EXERCISE GOAL: In the records below, find the line that contains "from build123d import *" and repeat it, along with each line after it, exactly as written.
^^^^^^^^^^^^^^^^
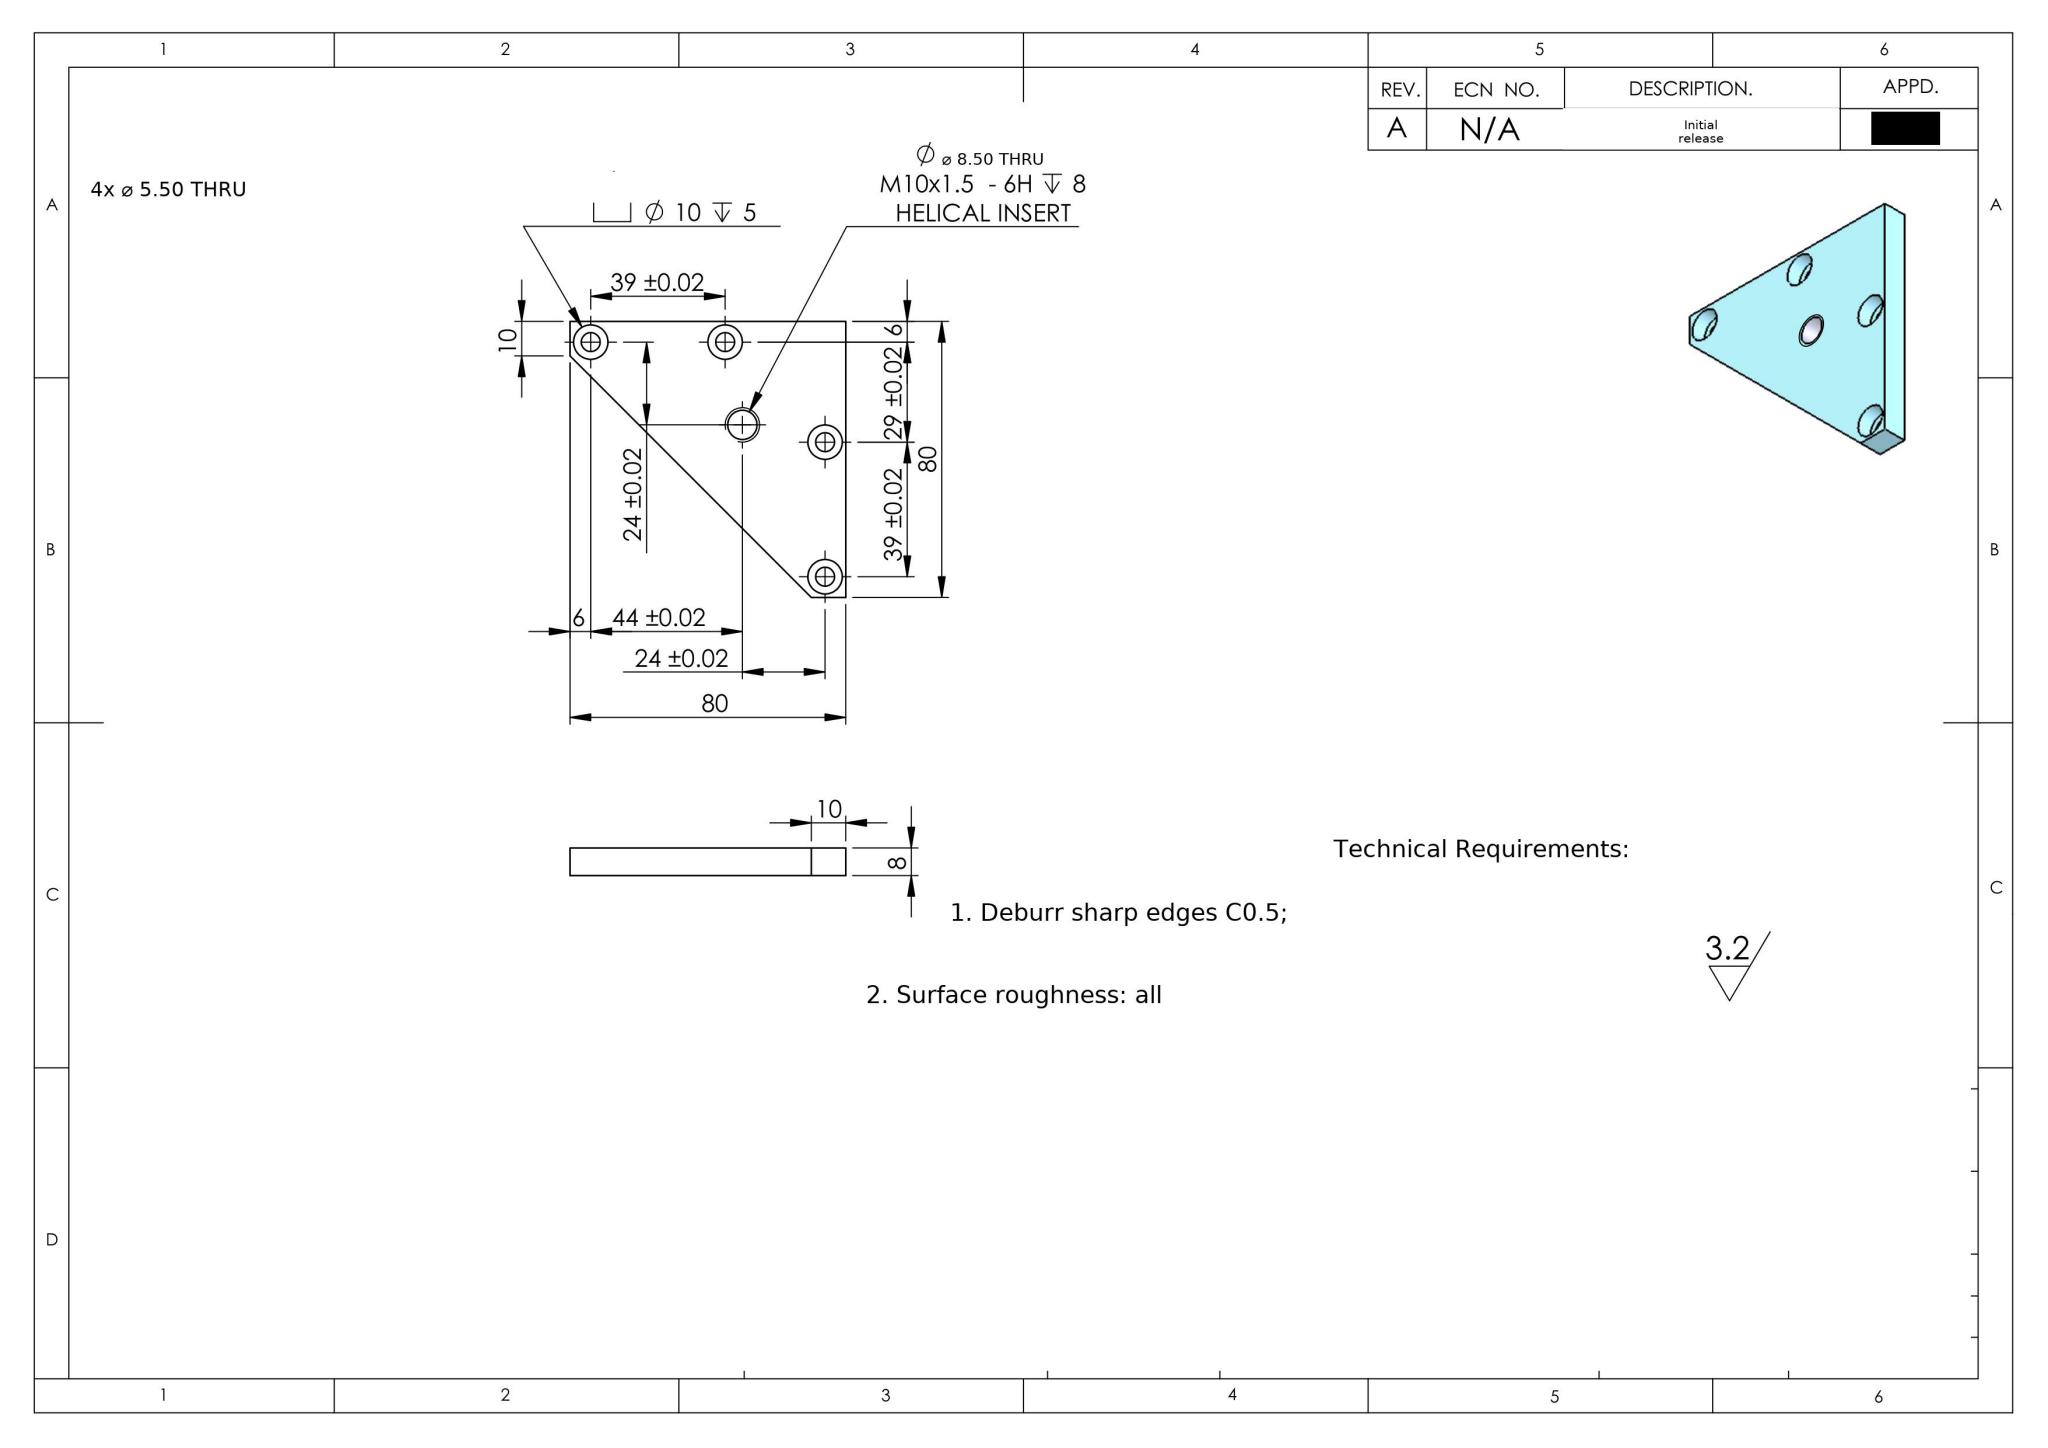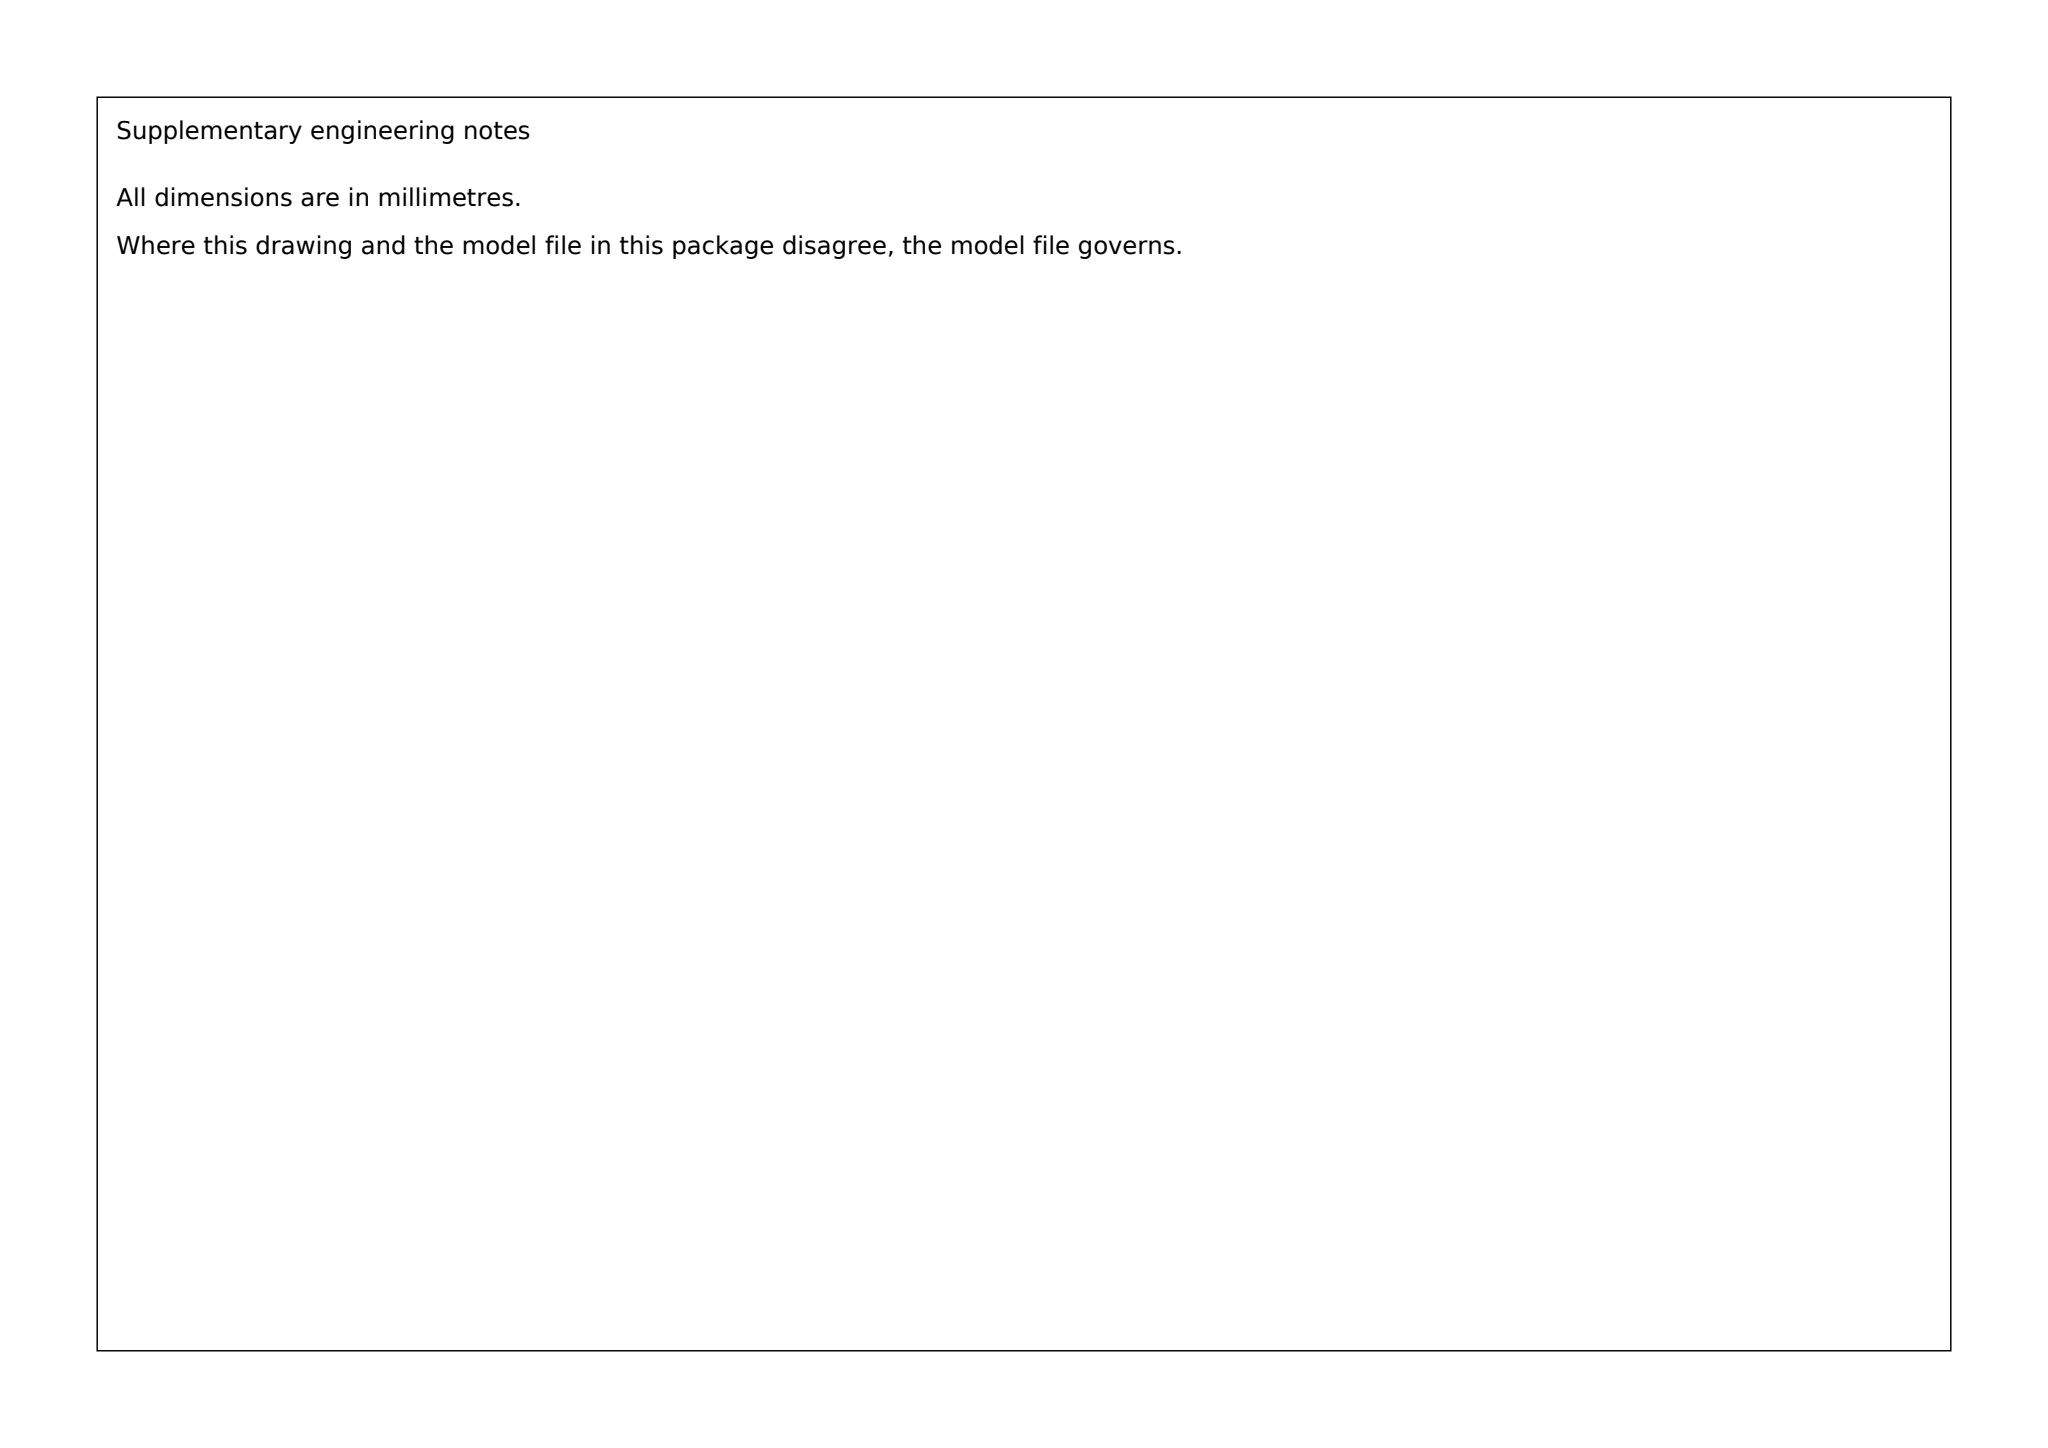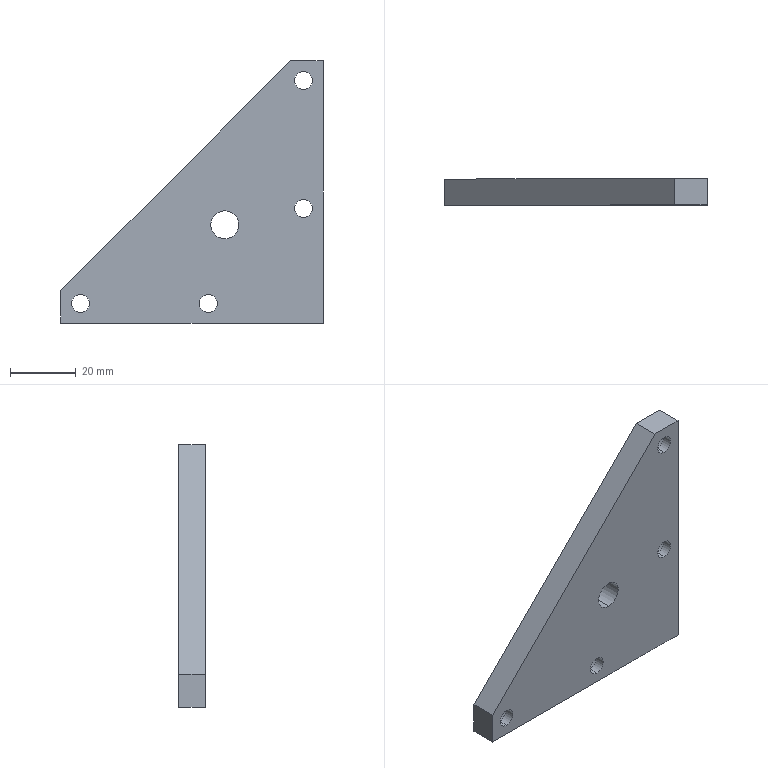Part | SolidWorks | mm | 1 solid | 29 faces | box 80 x 8 x 80 mm | volume 29290 mm3 | cylinder 18 | plane 11 | commonest cylinder face diameters 5.5 x8 10 x8 8.5 x2
build123d program:
from build123d import *

# Parameters (mm, degrees)
SKETCH1_W                                            = 80
SKETCH1_H                                            = 80
EXTRUDE1_DEPTH                                       = 8
COUNTERBORE_FOR_M5_HEX_SOCKET_HEAD_CAP_S_D           = 5.5
COUNTERBORE_FOR_M5_HEX_SOCKET_HEAD_CAP_S_CBORE_D     = 10
COUNTERBORE_FOR_M5_HEX_SOCKET_HEAD_CAP_S_CBORE_DEPTH = 5
M10_TAPPED_HOLE1_D                                   = 8.5
CUT_EXTRUDE1_REACH                                   = 115.42


with BuildPart() as part:
    # Sketch1 → Extrude1 (new body)
    with BuildSketch(Plane(origin=(0, 0, 0), x_dir=(1, 0, 0), z_dir=(0, 1, 0))):
        with Locations((40, 40)):
            Rectangle(SKETCH1_W, SKETCH1_H)
    extrude(amount=EXTRUDE1_DEPTH)

    # Counterbore for M5 Hex Socket Head Cap S (through all)
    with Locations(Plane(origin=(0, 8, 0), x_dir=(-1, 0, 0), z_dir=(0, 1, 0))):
^^^^^^^^^^^^^^^^
ANSWER FOR THE TASK:
from build123d import *

# Parameters (mm, degrees)
SKETCH1_W                                            = 80
SKETCH1_H                                            = 80
EXTRUDE1_DEPTH                                       = 8
COUNTERBORE_FOR_M5_HEX_SOCKET_HEAD_CAP_S_D           = 5.5
COUNTERBORE_FOR_M5_HEX_SOCKET_HEAD_CAP_S_CBORE_D     = 10
COUNTERBORE_FOR_M5_HEX_SOCKET_HEAD_CAP_S_CBORE_DEPTH = 5
M10_TAPPED_HOLE1_D                                   = 8.5
CUT_EXTRUDE1_REACH                                   = 115.42


with BuildPart() as part:
    # Sketch1 → Extrude1 (new body)
    with BuildSketch(Plane(origin=(0, 0, 0), x_dir=(1, 0, 0), z_dir=(0, 1, 0))):
        with Locations((40, 40)):
            Rectangle(SKETCH1_W, SKETCH1_H)
    extrude(amount=EXTRUDE1_DEPTH)

    # Counterbore for M5 Hex Socket Head Cap S (through all)
    with Locations(Plane(origin=(0, 8, 0), x_dir=(-1, 0, 0), z_dir=(0, 1, 0))):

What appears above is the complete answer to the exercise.